- [WORK TO COMPLETE]:
Your answer should hold exactly the lines from the line containing "p20 = place(p16, frame((6.7, 0.0, 1.05)))" through the end of the entries that follow.

[Data excerpts]
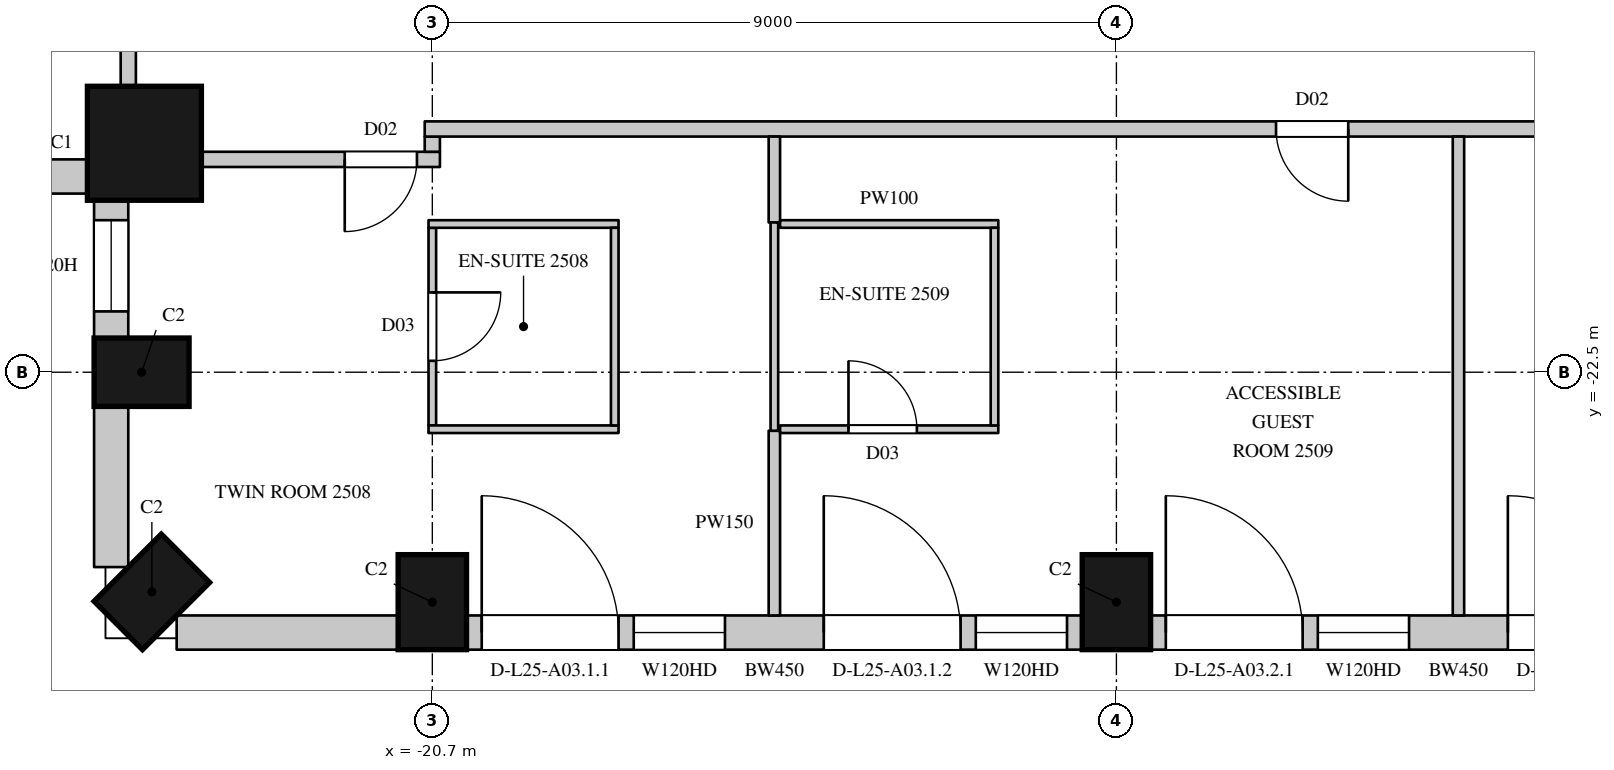
"""IFC4 building model, lengths in metres.
Left out: names, types, materials, properties, quantities, classifications, styles, units other than length and angle.
Written with IfcOpenShell. Run it as: python <this file> out.ifc"""

import sys

from ifc_helpers import new_model, si_unit, direction, frame, frame_2d, origin, origin_2d, place, context, subcontext, project, spatial, rectangle, circle, extrude, element, fill, save


model = new_model("IFC4")
c1 = context("Model", 3, precision=1e-05, world=origin(), true_north=direction((0.0, 1.0)))
c2 = subcontext(c1, "Body", "Model", "MODEL_VIEW")
j1 = project(units=[si_unit("LENGTHUNIT", "METRE"), si_unit("PLANEANGLEUNIT", "RADIAN")], contexts=[c1])
p1 = place(None, origin())
s1 = spatial("IfcSite", under=j1, at=p1, CompositionType="ELEMENT")
p2 = place(p1, origin())
s2 = spatial("IfcBuilding", under=s1, at=p2, CompositionType="ELEMENT")
p3 = place(p2, frame((0.0, 0.0, 120.3)))
s3 = spatial("IfcBuildingStorey", under=s2, at=p3, CompositionType="ELEMENT", Elevation=120.3)
p4 = place(p3, frame((-24.488, -19.488, 0.0), z_axis=(0.0, 0.0, 1.0), x_axis=(1.0, 0.0, 0.0)))
e1 = element("IfcColumn", 1, at=p4, inside=s3, PredefinedType="COLUMN", context=c2, shape_type="SweptSolid", body=[
    extrude(circle(Radius=0.75, at=origin_2d()), origin(), (0.0, 0.0, 1.0), 3.6),
])
for number, where, z_axis, x_axis in (
    (2, (-24.525, -22.5, 0.0), (0.0, 0.0, 1.0), (0.0, -1.0, 0.0)),
    (3, (-24.39, -25.39, 0.0), (0.0, 0.0, 1.0), (0.707, -0.707, 0.0)),
    (4, (-20.7, -25.525, 0.0), (0.0, 0.0, 1.0), (1.0, 0.0, 0.0)),
    (5, (-11.7, -25.525, 0.0), (0.0, 0.0, 1.0), (1.0, 0.0, 0.0)),
):
    element("IfcColumn", number, at=place(p3, frame(where, z_axis=z_axis, x_axis=x_axis)), inside=s3, PredefinedType="COLUMN", context=c2, shape_type="SweptSolid", body=[
        extrude(rectangle(XDim=0.9, YDim=1.25, at=origin_2d()), origin(), (0.0, 0.0, 1.0), 3.6),
    ])
p5 = place(p3, frame((-29.064, -19.925, 0.0), z_axis=(0.0, 0.0, 1.0), x_axis=(1.0, 0.0, 0.0)))
e6 = element("IfcWall", 6, at=p5, inside=s3, PredefinedType="SOLIDWALL", context=c2, shape_type="SweptSolid", body=[
    extrude(rectangle(XDim=3.857, YDim=0.45, at=frame_2d((1.928, 0.0))), origin(), (0.0, 0.0, 1.0), 3.3),
])
p6 = place(p5, frame((0.514, 0.0, 1.05)))
e7 = element("IfcOpeningElement", 7, at=p6, cuts=e6, PredefinedType="OPENING", context=c2, shape_type="SweptSolid", body=[
    extrude(rectangle(XDim=2.7, YDim=2.0, at=frame_2d((1.35, 1.0))), frame((0.0, 0.235, 0.0), z_axis=(0.0, -1.0, 0.0), x_axis=(1.0, 0.0, 0.0)), (0.0, 0.0, 1.0), 0.47),
])
p7 = place(p3, frame((-24.925, -20.207, 0.0), z_axis=(0.0, 0.0, 1.0), x_axis=(0.0, -1.0, 0.0)))
e8 = element("IfcWall", 8, at=p7, inside=s3, PredefinedType="SOLIDWALL", context=c2, shape_type="SweptSolid", body=[
    extrude(rectangle(XDim=1.843, YDim=0.45, at=frame_2d((0.921, 0.0))), origin(), (0.0, 0.0, 1.0), 3.3),
])
p8 = place(p7, frame((0.293, 0.0, 1.05)))
e9 = element("IfcOpeningElement", 9, at=p8, cuts=e8, PredefinedType="OPENING", context=c2, shape_type="SweptSolid", body=[
    extrude(rectangle(XDim=1.2, YDim=2.0, at=frame_2d((0.6, 1.0))), frame((0.0, 0.235, 0.0), z_axis=(0.0, -1.0, 0.0), x_axis=(1.0, 0.0, 0.0)), (0.0, 0.0, 1.0), 0.47),
])
p9 = place(p3, frame((-24.925, -22.95, 0.0), z_axis=(0.0, 0.0, 1.0), x_axis=(0.0, -1.0, 0.0)))
e10 = element("IfcWall", 10, at=p9, inside=s3, PredefinedType="SOLIDWALL", context=c2, shape_type="SweptSolid", body=[
    extrude(rectangle(XDim=2.114, YDim=0.45, at=frame_2d((1.057, 0.0))), origin(), (0.0, 0.0, 1.0), 3.3),
])
p10 = place(p3, frame((-24.064, -25.925, 0.0), z_axis=(0.0, 0.0, 1.0), x_axis=(1.0, 0.0, 0.0)))
e11 = element("IfcWall", 11, at=p10, inside=s3, PredefinedType="SOLIDWALL", context=c2, shape_type="SweptSolid", body=[
    extrude(rectangle(XDim=2.914, YDim=0.45, at=frame_2d((1.457, 0.0))), origin(), (0.0, 0.0, 1.0), 3.3),
])
p11 = place(p3, frame((-20.25, -25.925, 0.0), z_axis=(0.0, 0.0, 1.0), x_axis=(1.0, 0.0, 0.0)))
e12 = element("IfcWall", 12, at=p11, inside=s3, PredefinedType="SOLIDWALL", context=c2, shape_type="SweptSolid", body=[
    extrude(rectangle(XDim=8.1, YDim=0.45, at=frame_2d((4.05, 0.0))), origin(), (0.0, 0.0, 1.0), 3.3),
])
p12 = place(p11, frame((0.2, 0.0, 0.0)))
e13 = element("IfcOpeningElement", 13, at=p12, cuts=e12, PredefinedType="OPENING", context=c2, shape_type="SweptSolid", body=[
    extrude(rectangle(XDim=1.8, YDim=2.4, at=frame_2d((0.9, 1.2))), frame((0.0, 0.235, 0.0), z_axis=(0.0, -1.0, 0.0), x_axis=(1.0, 0.0, 0.0)), (0.0, 0.0, 1.0), 0.47),
])
p13 = place(p11, frame((2.2, 0.0, 1.05)))
e14 = element("IfcOpeningElement", 14, at=p13, cuts=e12, PredefinedType="OPENING", context=c2, shape_type="SweptSolid", body=[
    extrude(rectangle(XDim=1.2, YDim=2.0, at=frame_2d((0.6, 1.0))), frame((0.0, 0.235, 0.0), z_axis=(0.0, -1.0, 0.0), x_axis=(1.0, 0.0, 0.0)), (0.0, 0.0, 1.0), 0.47),
])
p14 = place(p11, frame((4.7, 0.0, 0.0)))
e15 = element("IfcOpeningElement", 15, at=p14, cuts=e12, PredefinedType="OPENING", context=c2, shape_type="SweptSolid", body=[
    extrude(rectangle(XDim=1.8, YDim=2.4, at=frame_2d((0.9, 1.2))), frame((0.0, 0.235, 0.0), z_axis=(0.0, -1.0, 0.0), x_axis=(1.0, 0.0, 0.0)), (0.0, 0.0, 1.0), 0.47),
])
p15 = place(p11, frame((6.7, 0.0, 1.05)))
e16 = element("IfcOpeningElement", 16, at=p15, cuts=e12, PredefinedType="OPENING", context=c2, shape_type="SweptSolid", body=[
    extrude(rectangle(XDim=1.2, YDim=2.0, at=frame_2d((0.6, 1.0))), frame((0.0, 0.235, 0.0), z_axis=(0.0, -1.0, 0.0), x_axis=(1.0, 0.0, 0.0)), (0.0, 0.0, 1.0), 0.47),
])
p16 = place(p3, frame((-11.25, -25.925, 0.0), z_axis=(0.0, 0.0, 1.0), x_axis=(1.0, 0.0, 0.0)))
e17 = element("IfcWall", 17, at=p16, inside=s3, PredefinedType="SOLIDWALL", context=c2, shape_type="SweptSolid", body=[
    extrude(rectangle(XDim=8.1, YDim=0.45, at=frame_2d((4.05, 0.0))), origin(), (0.0, 0.0, 1.0), 3.3),
])
p17 = place(p16, frame((0.2, 0.0, 0.0)))
e18 = element("IfcOpeningElement", 18, at=p17, cuts=e17, PredefinedType="OPENING", context=c2, shape_type="SweptSolid", body=[
    extrude(rectangle(XDim=1.8, YDim=2.4, at=frame_2d((0.9, 1.2))), frame((0.0, 0.235, 0.0), z_axis=(0.0, -1.0, 0.0), x_axis=(1.0, 0.0, 0.0)), (0.0, 0.0, 1.0), 0.47),
])
p18 = place(p16, frame((2.2, 0.0, 1.05)))
e19 = element("IfcOpeningElement", 19, at=p18, cuts=e17, PredefinedType="OPENING", context=c2, shape_type="SweptSolid", body=[
    extrude(rectangle(XDim=1.2, YDim=2.0, at=frame_2d((0.6, 1.0))), frame((0.0, 0.235, 0.0), z_axis=(0.0, -1.0, 0.0), x_axis=(1.0, 0.0, 0.0)), (0.0, 0.0, 1.0), 0.47),
])
p19 = place(p16, frame((4.7, 0.0, 0.0)))
e20 = element("IfcOpeningElement", 20, at=p19, cuts=e17, PredefinedType="OPENING", context=c2, shape_type="SweptSolid", body=[
    extrude(rectangle(XDim=1.8, YDim=2.4, at=frame_2d((0.9, 1.2))), frame((0.0, 0.235, 0.0), z_axis=(0.0, -1.0, 0.0), x_axis=(1.0, 0.0, 0.0)), (0.0, 0.0, 1.0), 0.47),
])
p20 = place(p16, frame((6.7, 0.0, 1.05)))
e21 = element("IfcOpeningElement", 21, at=p20, cuts=e17, PredefinedType="OPENING", context=c2, shape_type="SweptSolid", body=[
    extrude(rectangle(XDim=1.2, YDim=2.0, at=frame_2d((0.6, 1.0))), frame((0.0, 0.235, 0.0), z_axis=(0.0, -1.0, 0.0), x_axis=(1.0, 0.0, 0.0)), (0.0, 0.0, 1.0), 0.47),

- [EXPECTED ANSWER]:
p20 = place(p16, frame((6.7, 0.0, 1.05)))
e21 = element("IfcOpeningElement", 21, at=p20, cuts=e17, PredefinedType="OPENING", context=c2, shape_type="SweptSolid", body=[
    extrude(rectangle(XDim=1.2, YDim=2.0, at=frame_2d((0.6, 1.0))), frame((0.0, 0.235, 0.0), z_axis=(0.0, -1.0, 0.0), x_axis=(1.0, 0.0, 0.0)), (0.0, 0.0, 1.0), 0.47),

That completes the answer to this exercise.